───── Data shown

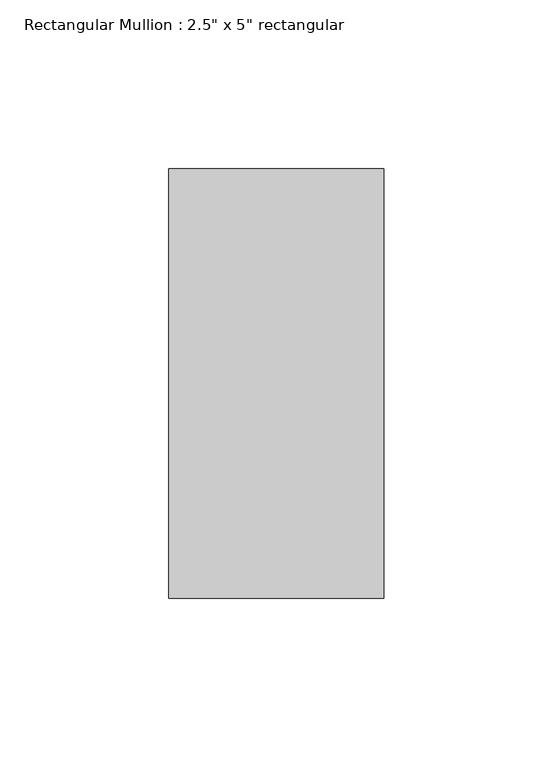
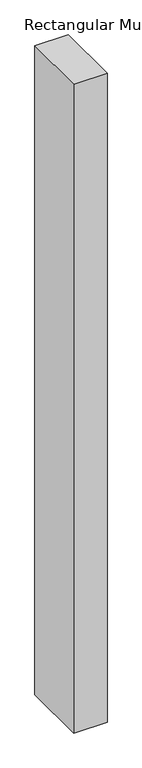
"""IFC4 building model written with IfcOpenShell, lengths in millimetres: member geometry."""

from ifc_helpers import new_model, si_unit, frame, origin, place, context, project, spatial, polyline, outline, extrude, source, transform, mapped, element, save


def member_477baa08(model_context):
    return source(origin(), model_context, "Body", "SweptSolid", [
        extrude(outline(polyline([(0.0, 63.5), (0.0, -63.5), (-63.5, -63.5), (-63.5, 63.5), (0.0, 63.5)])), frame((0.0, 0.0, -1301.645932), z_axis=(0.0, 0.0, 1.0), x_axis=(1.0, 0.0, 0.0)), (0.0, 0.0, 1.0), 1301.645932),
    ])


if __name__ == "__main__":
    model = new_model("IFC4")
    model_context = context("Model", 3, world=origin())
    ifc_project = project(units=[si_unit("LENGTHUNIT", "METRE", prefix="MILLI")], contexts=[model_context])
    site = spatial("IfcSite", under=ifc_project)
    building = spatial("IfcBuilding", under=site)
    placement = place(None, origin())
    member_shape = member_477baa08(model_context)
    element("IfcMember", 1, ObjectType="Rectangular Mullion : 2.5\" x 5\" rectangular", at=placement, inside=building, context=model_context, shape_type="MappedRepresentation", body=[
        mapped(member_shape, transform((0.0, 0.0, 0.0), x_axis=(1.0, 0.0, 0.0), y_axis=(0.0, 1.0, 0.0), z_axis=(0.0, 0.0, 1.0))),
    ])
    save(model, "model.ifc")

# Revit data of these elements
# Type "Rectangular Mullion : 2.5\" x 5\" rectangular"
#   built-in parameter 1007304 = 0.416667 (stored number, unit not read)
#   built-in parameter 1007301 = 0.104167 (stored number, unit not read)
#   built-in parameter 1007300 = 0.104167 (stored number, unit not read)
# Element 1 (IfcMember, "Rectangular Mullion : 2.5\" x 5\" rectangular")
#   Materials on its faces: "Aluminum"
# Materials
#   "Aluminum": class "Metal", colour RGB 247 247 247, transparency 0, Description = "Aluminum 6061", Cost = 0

──────────

» What to do:
Please report every line in the entries above that holds the string "placement".

» Solution to the problem:
    placement = place(None, origin())
    element("IfcMember", 1, ObjectType="Rectangular Mullion : 2.5\" x 5\" rectangular", at=placement, inside=building, context=model_context, shape_type="MappedRepresentation", body=[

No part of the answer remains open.